List each line of the data that holds the word "import".

+++ DATA FOR THIS TASK

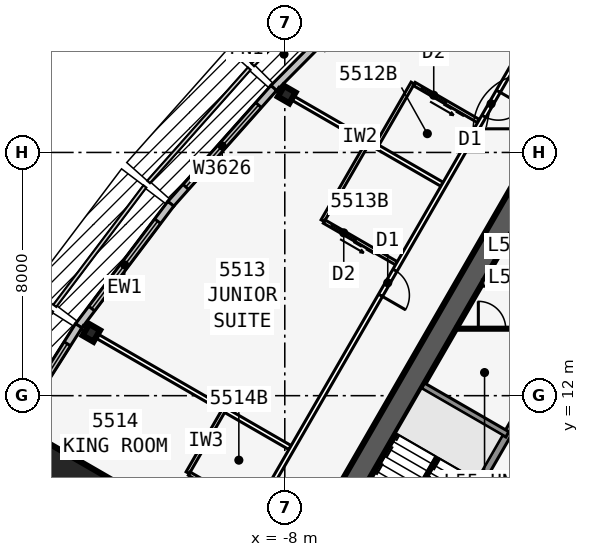
"""IFC4 building model, lengths in metres.
Left out: names, types, materials, properties, quantities, classifications, styles, units other than length and angle.
Written with IfcOpenShell. Run it as: python <this file> out.ifc"""

import sys

from ifc_helpers import new_model, si_unit, direction, frame, frame_2d, origin, origin_2d, place, context, subcontext, project, spatial, rectangle, i_section, extrude, element, fill, save


model = new_model("IFC4")
c1 = context("Model", 3, precision=1e-05, world=origin(), true_north=direction((0.0, 1.0)))
c2 = subcontext(c1, "Body", "Model", "MODEL_VIEW")
j1 = project(units=[si_unit("LENGTHUNIT", "METRE"), si_unit("PLANEANGLEUNIT", "RADIAN")], contexts=[c1])
p1 = place(None, origin())
s1 = spatial("IfcSite", under=j1, at=p1, CompositionType="ELEMENT")
p2 = place(p1, origin())
s2 = spatial("IfcBuilding", under=s1, at=p2, CompositionType="ELEMENT")
p3 = place(p2, frame((0.0, 0.0, 208.1)))
s3 = spatial("IfcBuildingStorey", under=s2, at=p3, CompositionType="ELEMENT", Elevation=208.1)
p4 = place(p3, frame((0.0, 19.052, 0.0), z_axis=(0.0, 0.0, 1.0), x_axis=(-0.499999749417, -0.866025548458, 0.0)))
e1 = element("IfcWall", 1, at=p4, inside=s3, PredefinedType="SHEAR", context=c2, shape_type="SweptSolid", body=[
    extrude(rectangle(XDim=33.0, YDim=0.75, at=frame_2d((16.5, 0.0))), origin(), (0.0, 0.0, 1.0), 3.6),
])
p5 = place(p4, frame((14.15, 0.0, 0.0)))
e2 = element("IfcOpeningElement", 2, at=p5, cuts=e1, PredefinedType="OPENING", context=c2, shape_type="SweptSolid", body=[
    extrude(rectangle(XDim=1.8, YDim=2.13, at=frame_2d((0.9, 1.065))), frame((0.0, 0.385, 0.0), z_axis=(0.0, -1.0, 0.0), x_axis=(1.0, 0.0, 0.0)), (0.0, 0.0, 1.0), 0.77),
])
p6 = place(p4, frame((12.6, 0.0, 0.0)))
e3 = element("IfcOpeningElement", 3, at=p6, cuts=e1, PredefinedType="OPENING", context=c2, shape_type="SweptSolid", body=[
    extrude(rectangle(XDim=1.0, YDim=2.13, at=frame_2d((0.5, 1.065))), frame((0.0, 0.385, 0.0), z_axis=(0.0, -1.0, 0.0), x_axis=(1.0, 0.0, 0.0)), (0.0, 0.0, 1.0), 0.77),
])
p7 = place(p3, frame((-0.062, 11.794, 0.0), z_axis=(0.0, 0.0, 1.0), x_axis=(-0.500006680225, -0.86602154692, 0.0)))
e4 = element("IfcWall", 4, at=p7, inside=s3, PredefinedType="SOLIDWALL", context=c2, shape_type="SweptSolid", body=[
    extrude(rectangle(XDim=7.733, YDim=0.25, at=frame_2d((3.866, 0.0))), origin(), (0.0, 0.0, 1.0), 3.435),
])
p8 = place(p3, frame((-0.679, 10.727, 0.0), z_axis=(0.0, 0.0, 1.0), x_axis=(-0.866008981251, 0.500028443584, 0.0)))
e5 = element("IfcWall", 5, at=p8, inside=s3, PredefinedType="SOLIDWALL", context=c2, shape_type="SweptSolid", body=[
    extrude(rectangle(XDim=3.2, YDim=0.2, at=frame_2d((1.6, 0.0))), origin(), (0.0, 0.0, 1.0), 3.435),
])
for number, where, z_axis, x_axis in (
    (6, (-7.937, 21.903, 0.0), (0.0, 0.0, 1.0), (-0.5, -0.866, 0.0)),
    (7, (-14.363, 14.066, 0.0), (0.0, 0.0, 1.0), (-0.866, 0.5, 0.0)),
):
    element("IfcColumn", number, at=place(p3, frame(where, z_axis=z_axis, x_axis=x_axis)), inside=s3, PredefinedType="COLUMN", context=c2, shape_type="SweptSolid", body=[
        extrude(i_section(OverallWidth=0.411, OverallDepth=0.434, WebThickness=0.036, FlangeThickness=0.057, at=origin_2d()), origin(), (0.0, 0.0, 1.0), 3.6),
    ])
p9 = place(p3, frame((-15.312, 8.84, 0.0), z_axis=(0.0, 0.0, 1.0), x_axis=(-0.866025403784, 0.5, 0.0)))
e8 = element("IfcColumn", 8, at=p9, inside=s3, PredefinedType="COLUMN", context=c2, shape_type="SweptSolid", body=[
    extrude(rectangle(XDim=2.3, YDim=2.3, at=origin_2d()), origin(), (0.0, 0.0, 1.0), 3.6),
])
p10 = place(p3, frame((-6.911, 23.583, 0.0), z_axis=(0.0, 0.0, 1.0), x_axis=(-0.704149946111, -0.710051303352, 0.0)))
e9 = element("IfcWall", 9, at=p10, inside=s3, PredefinedType="STANDARD", context=c2, shape_type="SweptSolid", body=[
    extrude(rectangle(XDim=2.069, YDim=0.25, at=frame_2d((1.034, 0.0))), origin(), (0.0, 0.0, 1.0), 3.435),
])
p11 = place(p3, frame((-8.363, 22.12, 0.0), z_axis=(0.0, 0.0, 1.0), x_axis=(-0.664348996191, -0.747422511876, 0.0)))
e10 = element("IfcWall", 10, at=p11, inside=s3, PredefinedType="STANDARD", context=c2, shape_type="SweptSolid", body=[
    extrude(rectangle(XDim=5.105, YDim=0.25, at=frame_2d((2.552, 0.0))), origin(), (0.0, 0.0, 1.0), 3.435),
])
p12 = place(p11, frame((0.752, 0.0, 0.45)))
e11 = element("IfcOpeningElement", 11, at=p12, cuts=e10, PredefinedType="OPENING", context=c2, shape_type="SweptSolid", body=[
    extrude(rectangle(XDim=3.6, YDim=2.6, at=frame_2d((1.8, 1.3))), frame((0.0, 0.135, 0.0), z_axis=(0.0, -1.0, 0.0), x_axis=(1.0, 0.0, 0.0)), (0.0, 0.0, 1.0), 0.27),
])
p13 = place(p3, frame((-11.748, 18.312, 0.0), z_axis=(0.0, 0.0, 1.0), x_axis=(-0.602408653511, -0.798187831388, 0.0)))
e12 = element("IfcWall", 12, at=p13, inside=s3, PredefinedType="STANDARD", context=c2, shape_type="SweptSolid", body=[
    extrude(rectangle(XDim=5.038, YDim=0.25, at=frame_2d((2.519, 0.0))), origin(), (0.0, 0.0, 1.0), 3.435),
])
p14 = place(p13, frame((0.719, 0.0, 0.45)))
e13 = element("IfcOpeningElement", 13, at=p14, cuts=e12, PredefinedType="OPENING", context=c2, shape_type="SweptSolid", body=[
    extrude(rectangle(XDim=3.6, YDim=2.6, at=frame_2d((1.8, 1.3))), frame((0.0, 0.135, 0.0), z_axis=(0.0, -1.0, 0.0), x_axis=(1.0, 0.0, 0.0)), (0.0, 0.0, 1.0), 0.27),
])
p15 = place(p3, frame((-14.777, 14.299, 0.0), z_axis=(0.0, 0.0, 1.0), x_axis=(-0.535220361449, -0.844712474568, 0.0)))
e14 = element("IfcWall", 14, at=p15, inside=s3, PredefinedType="STANDARD", context=c2, shape_type="SweptSolid", body=[
    extrude(rectangle(XDim=5.004, YDim=0.25, at=frame_2d((2.502, 0.0))), origin(), (0.0, 0.0, 1.0), 3.435),
])
p16 = place(p15, frame((0.702, 0.0, 0.45)))
e15 = element("IfcOpeningElement", 15, at=p16, cuts=e14, PredefinedType="OPENING", context=c2, shape_type="SweptSolid", body=[
    extrude(rectangle(XDim=3.6, YDim=2.6, at=frame_2d((1.8, 1.3))), frame((0.0, 0.135, 0.0), z_axis=(0.0, -1.0, 0.0), x_axis=(1.0, 0.0, 0.0)), (0.0, 0.0, 1.0), 0.27),
])
p17 = place(p3, frame((-0.425, 22.966, 0.0), z_axis=(0.0, 0.0, 1.0), x_axis=(-0.500000265775, -0.866025250339, 0.0)))
e16 = element("IfcWall", 16, at=p17, inside=s3, PredefinedType="PARTITIONING", context=c2, shape_type="SweptSolid", body=[
    extrude(rectangle(XDim=39.354, YDim=0.15, at=frame_2d((19.677, 0.0))), origin(), (0.0, 0.0, 1.0), 3.435),
])
p18 = place(p17, frame((1.102, 0.0, 0.0)))
e17 = element("IfcOpeningElement", 17, at=p18, cuts=e16, PredefinedType="OPENING", context=c2, shape_type="SweptSolid", body=[
    extrude(rectangle(XDim=0.95, YDim=2.13, at=frame_2d((0.475, 1.065))), frame((0.0, 0.085, 0.0), z_axis=(0.0, -1.0, 0.0), x_axis=(1.0, 0.0, 0.0)), (0.0, 0.0, 1.0), 0.17),
])
p19 = place(p17, frame((7.902, 0.0, 0.0)))
e18 = element("IfcOpeningElement", 18, at=p19, cuts=e16, PredefinedType="OPENING", context=c2, shape_type="SweptSolid", body=[
    extrude(rectangle(XDim=0.95, YDim=2.13, at=frame_2d((0.475, 1.065))), frame((0.0, 0.085, 0.0), z_axis=(0.0, -1.0, 0.0), x_axis=(1.0, 0.0, 0.0)), (0.0, 0.0, 1.0), 0.17),
])
p20 = place(p17, frame((17.302, 0.0, 0.0)))
e19 = element("IfcOpeningElement", 19, at=p20, cuts=e16, PredefinedType="OPENING", context=c2, shape_type="SweptSolid", body=[
    extrude(rectangle(XDim=0.95, YDim=2.13, at=frame_2d((0.475, 1.065))), frame((0.0, 0.085, 0.0), z_axis=(0.0, -1.0, 0.0), x_axis=(1.0, 0.0, 0.0)), (0.0, 0.0, 1.0), 0.17),
])
p21 = place(p17, frame((26.702, 0.0, 0.0)))
e20 = element("IfcOpeningElement", 20, at=p21, cuts=e16, PredefinedType="OPENING", context=c2, shape_type="SweptSolid", body=[
    extrude(rectangle(XDim=0.95, YDim=2.13, at=frame_2d((0.475, 1.065))), frame((0.0, 0.085, 0.0), z_axis=(0.0, -1.0, 0.0), x_axis=(1.0, 0.0, 0.0)), (0.0, 0.0, 1.0), 0.17),
])
p22 = place(p17, frame((37.302, 0.0, 0.0)))
e21 = element("IfcOpeningElement", 21, at=p22, cuts=e16, PredefinedType="OPENING", context=c2, shape_type="SweptSolid", body=[
    extrude(rectangle(XDim=0.95, YDim=2.13, at=frame_2d((0.475, 1.065))), frame((0.0, 0.085, 0.0), z_axis=(0.0, -1.0, 0.0), x_axis=(1.0, 0.0, 0.0)), (0.0, 0.0, 1.0), 0.17),
])
p23 = place(p3, frame((-2.829, 18.954, 0.0), z_axis=(0.0, 0.0, 1.0), x_axis=(-0.866026604282, 0.499997920671, 0.0)))
e22 = element("IfcWall", 22, at=p23, inside=s3, PredefinedType="PARTITIONING", context=c2, shape_type="SweptSolid", body=[
    extrude(rectangle(XDim=6.24, YDim=0.15, at=frame_2d((3.12, 0.0))), origin(), (0.0, 0.0, 1.0), 2.589),
])
p24 = place(p3, frame((-7.829, 10.293, 0.0), z_axis=(0.0, 0.0, 1.0), x_axis=(-0.866030558329, 0.49999107196, 0.0)))
e23 = element("IfcWall", 23, at=p24, inside=s3, PredefinedType="PARTITIONING", context=c2, shape_type="SweptSolid", body=[
    extrude(rectangle(XDim=7.894, YDim=0.15, at=frame_2d((3.947, 0.0))), origin(), (0.0, 0.0, 1.0), 2.589),
])
p25 = place(p3, frame((-10.329, 5.963, 0.0), z_axis=(0.0, 0.0, 1.0), x_axis=(-0.866016460812, 0.500015489362, 0.0)))
e24 = element("IfcWall", 24, at=p25, inside=s3, PredefinedType="PARTITIONING", context=c2, shape_type="SweptSolid", body=[
    extrude(rectangle(XDim=8.101, YDim=0.15, at=frame_2d((4.051, 0.0))), origin(), (0.0, 0.0, 1.0), 2.589),
])
p26 = place(p3, frame((-3.793, 22.282, 0.0), z_axis=(0.0, 0.0, 1.0), x_axis=(-0.500001309137, -0.866024647952, 0.0)))
e25 = element("IfcWall", 25, at=p26, inside=s3, PredefinedType="PLUMBINGWALL", context=c2, shape_type="SweptSolid", body=[
    extrude(rectangle(XDim=2.4, YDim=0.12, at=frame_2d((1.2, 0.0))), origin(), (0.0, 0.0, 1.0), 3.435),
])
p27 = place(p3, frame((-1.628, 21.032, 0.0), z_axis=(0.0, 0.0, 1.0), x_axis=(-0.866048967903, 0.499959183527, 0.0)))
e26 = element("IfcWall", 26, at=p27, inside=s3, PredefinedType="PLUMBINGWALL", context=c2, shape_type="SweptSolid", body=[
    extrude(rectangle(XDim=2.44, YDim=0.12, at=frame_2d((1.22, 0.0))), origin(), (0.0, 0.0, 1.0), 3.435),
])
p28 = place(p27, frame((1.25, 0.0, 0.0)))
e27 = element("IfcOpeningElement", 27, at=p28, cuts=e26, PredefinedType="OPENING", context=c2, shape_type="SweptSolid", body=[
    extrude(rectangle(XDim=0.9, YDim=2.13, at=frame_2d((0.45, 1.065))), frame((0.0, 0.07, 0.0), z_axis=(0.0, -1.0, 0.0), x_axis=(1.0, 0.0, 0.0)), (0.0, 0.0, 1.0), 0.14),
])
p29 = place(p3, frame((-5.253, 20.354, 0.0), z_axis=(0.0, 0.0, 1.0), x_axis=(-0.499990139034, -0.866031096941, 0.0)))
e28 = element("IfcWall", 28, at=p29, inside=s3, PredefinedType="PLUMBINGWALL", context=c2, shape_type="SweptSolid", body=[
    extrude(rectangle(XDim=3.0, YDim=0.12, at=frame_2d((1.5, 0.0))), origin(), (0.0, 0.0, 1.0), 3.435),
])
p30 = place(p3, frame((-4.329, 16.355, 0.0), z_axis=(0.0, 0.0, 1.0), x_axis=(-0.866035715982, 0.499982138324, 0.0)))
e29 = element("IfcWall", 29, at=p30, inside=s3, PredefinedType="PLUMBINGWALL", context=c2, shape_type="SweptSolid", body=[
    extrude(rectangle(XDim=2.74, YDim=0.12, at=frame_2d((1.37, 0.0))), origin(), (0.0, 0.0, 1.0), 3.435),
])
p31 = place(p30, frame((1.55, 0.0, 0.0)))
e30 = element("IfcOpeningElement", 30, at=p31, cuts=e29, PredefinedType="OPENING", context=c2, shape_type="SweptSolid", body=[
    extrude(rectangle(XDim=0.9, YDim=2.13, at=frame_2d((0.45, 1.065))), frame((0.0, 0.07, 0.0), z_axis=(0.0, -1.0, 0.0), x_axis=(1.0, 0.0, 0.0)), (0.0, 0.0, 1.0), 0.14),
])
p32 = place(p3, frame((-9.993, 11.543, 0.0), z_axis=(0.0, 0.0, 1.0), x_axis=(-0.500077600433, -0.865980596518, 0.0)))
e31 = element("IfcWall", 31, at=p32, inside=s3, PredefinedType="PLUMBINGWALL", context=c2, shape_type="SweptSolid", body=[
    extrude(rectangle(XDim=2.4, YDim=0.12, at=frame_2d((1.2, 0.0))), origin(), (0.0, 0.0, 1.0), 3.435),
])
p33 = place(p3, frame((-9.029, 8.215, 0.0), z_axis=(0.0, 0.0, 1.0), x_axis=(-0.866023955769, 0.500002508028, 0.0)))
e32 = element("IfcWall", 32, at=p33, inside=s3, PredefinedType="PLUMBINGWALL", context=c2, shape_type="SweptSolid", body=[
    extrude(rectangle(XDim=2.44, YDim=0.12, at=frame_2d((1.22, 0.0))), origin(), (0.0, 0.0, 1.0), 3.435),
])
p34 = place(p33, frame((1.25, 0.0, 0.0)))
e33 = element("IfcOpeningElement", 33, at=p34, cuts=e32, PredefinedType="OPENING", context=c2, shape_type="SweptSolid", body=[
    extrude(rectangle(XDim=0.9, YDim=2.13, at=frame_2d((0.45, 1.065))), frame((0.0, 0.07, 0.0), z_axis=(0.0, -1.0, 0.0), x_axis=(1.0, 0.0, 0.0)), (0.0, 0.0, 1.0), 0.14),
])
p35 = place(p3, frame((-1.501, 15.703, 0.0), z_axis=(0.0, 0.0, 1.0), x_axis=(1.0, 0.0, 0.0)))
e34 = element("IfcWall", 34, at=p35, inside=s3, PredefinedType="SOLIDWALL", context=c2, shape_type="SweptSolid", body=[
    extrude(rectangle(XDim=3.002, YDim=0.2, at=frame_2d((1.501, 0.0))), origin(), (0.0, 0.0, 1.0), 3.435),
])
p36 = place(p3, frame((-2.367, 14.203, 0.0), z_axis=(0.0, 0.0, 1.0), x_axis=(1.0, 0.0, 0.0)))
e35 = element("IfcWall", 35, at=p36, inside=s3, PredefinedType="PARTITIONING", context=c2, shape_type="SweptSolid", body=[
    extrude(rectangle(XDim=4.734, YDim=0.1, at=frame_2d((2.367, 0.0))), origin(), (0.0, 0.0, 1.0), 3.435),
])
p37 = place(p36, frame((0.734, 0.0, 0.0)))
e36 = element("IfcOpeningElement", 36, at=p37, cuts=e35, PredefinedType="OPENING", context=c2, shape_type="SweptSolid", body=[
    extrude(rectangle(XDim=0.9, YDim=2.13, at=frame_2d((0.45, 1.065))), frame((0.0, 0.06, 0.0), z_axis=(0.0, -1.0, 0.0), x_axis=(1.0, 0.0, 0.0)), (0.0, 0.0, 1.0), 0.12),
])
p38 = place(p3, frame((-2.988, 9.978, 0.0), z_axis=(0.0, 0.0, 1.0), x_axis=(-0.499992232847, -0.866029888106, 0.0)))
e37 = element("IfcWall", 37, at=p38, inside=s3, PredefinedType="SOLIDWALL", context=c2, shape_type="SweptSolid", body=[
    extrude(rectangle(XDim=2.794, YDim=0.1, at=frame_2d((1.397, 0.0))), origin(), (0.0, 0.0, 1.0), 3.6),
])
p39 = place(p12, origin())
e38 = element("IfcWindow", 38, at=p39, inside=s3, PartitioningType="SINGLE_PANEL", PredefinedType="WINDOW", context=c2, shape_type="SweptSolid", body=[
    extrude(rectangle(XDim=3.6, YDim=2.6, at=frame_2d((1.8, 1.3))), frame((0.0, 0.03, 0.0), z_axis=(0.0, -1.0, 0.0), x_axis=(1.0, 0.0, 0.0)), (0.0, 0.0, 1.0), 0.06),
])
fill(e11, e38)
p40 = place(p14, origin())
e39 = element("IfcWindow", 39, at=p40, inside=s3, PartitioningType="SINGLE_PANEL", PredefinedType="WINDOW", context=c2, shape_type="SweptSolid", body=[
    extrude(rectangle(XDim=3.6, YDim=2.6, at=frame_2d((1.8, 1.3))), frame((0.0, 0.03, 0.0), z_axis=(0.0, -1.0, 0.0), x_axis=(1.0, 0.0, 0.0)), (0.0, 0.0, 1.0), 0.06),
])
fill(e13, e39)
p41 = place(p16, origin())
e40 = element("IfcWindow", 40, at=p41, inside=s3, PartitioningType="SINGLE_PANEL", PredefinedType="WINDOW", context=c2, shape_type="SweptSolid", body=[
    extrude(rectangle(XDim=3.6, YDim=2.6, at=frame_2d((1.8, 1.3))), frame((0.0, 0.03, 0.0), z_axis=(0.0, -1.0, 0.0), x_axis=(1.0, 0.0, 0.0)), (0.0, 0.0, 1.0), 0.06),
])
fill(e15, e40)
p42 = place(p28, origin())
e41 = element("IfcDoor", 41, at=p42, inside=s3, OperationType="SLIDING_TO_LEFT", PredefinedType="DOOR", context=c2, shape_type="SweptSolid", body=[
    extrude(rectangle(XDim=0.9, YDim=2.13, at=frame_2d((0.45, 1.065))), frame((0.0, 0.025, 0.0), z_axis=(0.0, -1.0, 0.0), x_axis=(1.0, 0.0, 0.0)), (0.0, 0.0, 1.0), 0.05),
])
fill(e27, e41)
p43 = place(p18, origin())
e42 = element("IfcDoor", 42, at=p43, inside=s3, OperationType="SINGLE_SWING_LEFT", PredefinedType="DOOR", context=c2, shape_type="SweptSolid", body=[
    extrude(rectangle(XDim=0.95, YDim=2.13, at=frame_2d((0.475, 1.065))), frame((0.0, 0.025, 0.0), z_axis=(0.0, -1.0, 0.0), x_axis=(1.0, 0.0, 0.0)), (0.0, 0.0, 1.0), 0.05),
])
fill(e17, e42)
p44 = place(p31, origin())
e43 = element("IfcDoor", 43, at=p44, inside=s3, OperationType="SLIDING_TO_LEFT", PredefinedType="DOOR", context=c2, shape_type="SweptSolid", body=[
    extrude(rectangle(XDim=0.9, YDim=2.13, at=frame_2d((0.45, 1.065))), frame((0.0, 0.025, 0.0), z_axis=(0.0, -1.0, 0.0), x_axis=(1.0, 0.0, 0.0)), (0.0, 0.0, 1.0), 0.05),
])
fill(e30, e43)
p45 = place(p19, origin())
e44 = element("IfcDoor", 44, at=p45, inside=s3, OperationType="SINGLE_SWING_RIGHT", PredefinedType="DOOR", context=c2, shape_type="SweptSolid", body=[
    extrude(rectangle(XDim=0.95, YDim=2.13, at=frame_2d((0.475, 1.065))), frame((0.0, 0.025, 0.0), z_axis=(0.0, -1.0, 0.0), x_axis=(1.0, 0.0, 0.0)), (0.0, 0.0, 1.0), 0.05),
])
fill(e18, e44)
p46 = place(p34, origin())
e45 = element("IfcDoor", 45, at=p46, inside=s3, OperationType="SLIDING_TO_LEFT", PredefinedType="DOOR", context=c2, shape_type="SweptSolid", body=[
    extrude(rectangle(XDim=0.9, YDim=2.13, at=frame_2d((0.45, 1.065))), frame((0.0, 0.025, 0.0), z_axis=(0.0, -1.0, 0.0), x_axis=(1.0, 0.0, 0.0)), (0.0, 0.0, 1.0), 0.05),
])
fill(e33, e45)
p47 = place(p37, origin())
e46 = element("IfcDoor", 46, at=p47, inside=s3, OperationType="SINGLE_SWING_LEFT", PredefinedType="DOOR", context=c2, shape_type="SweptSolid", body=[
    extrude(rectangle(XDim=0.9, YDim=2.13, at=frame_2d((0.45, 1.065))), frame((0.0, 0.025, 0.0), z_axis=(0.0, -1.0, 0.0), x_axis=(1.0, 0.0, 0.0)), (0.0, 0.0, 1.0), 0.05),
])
fill(e36, e46)
save(model, sys.argv[1])

++++++

■ OUTPUT OF THE TASK:
import sys
from ifc_helpers import new_model, si_unit, direction, frame, frame_2d, origin, origin_2d, place, context, subcontext, project, spatial, rectangle, i_section, extrude, element, fill, save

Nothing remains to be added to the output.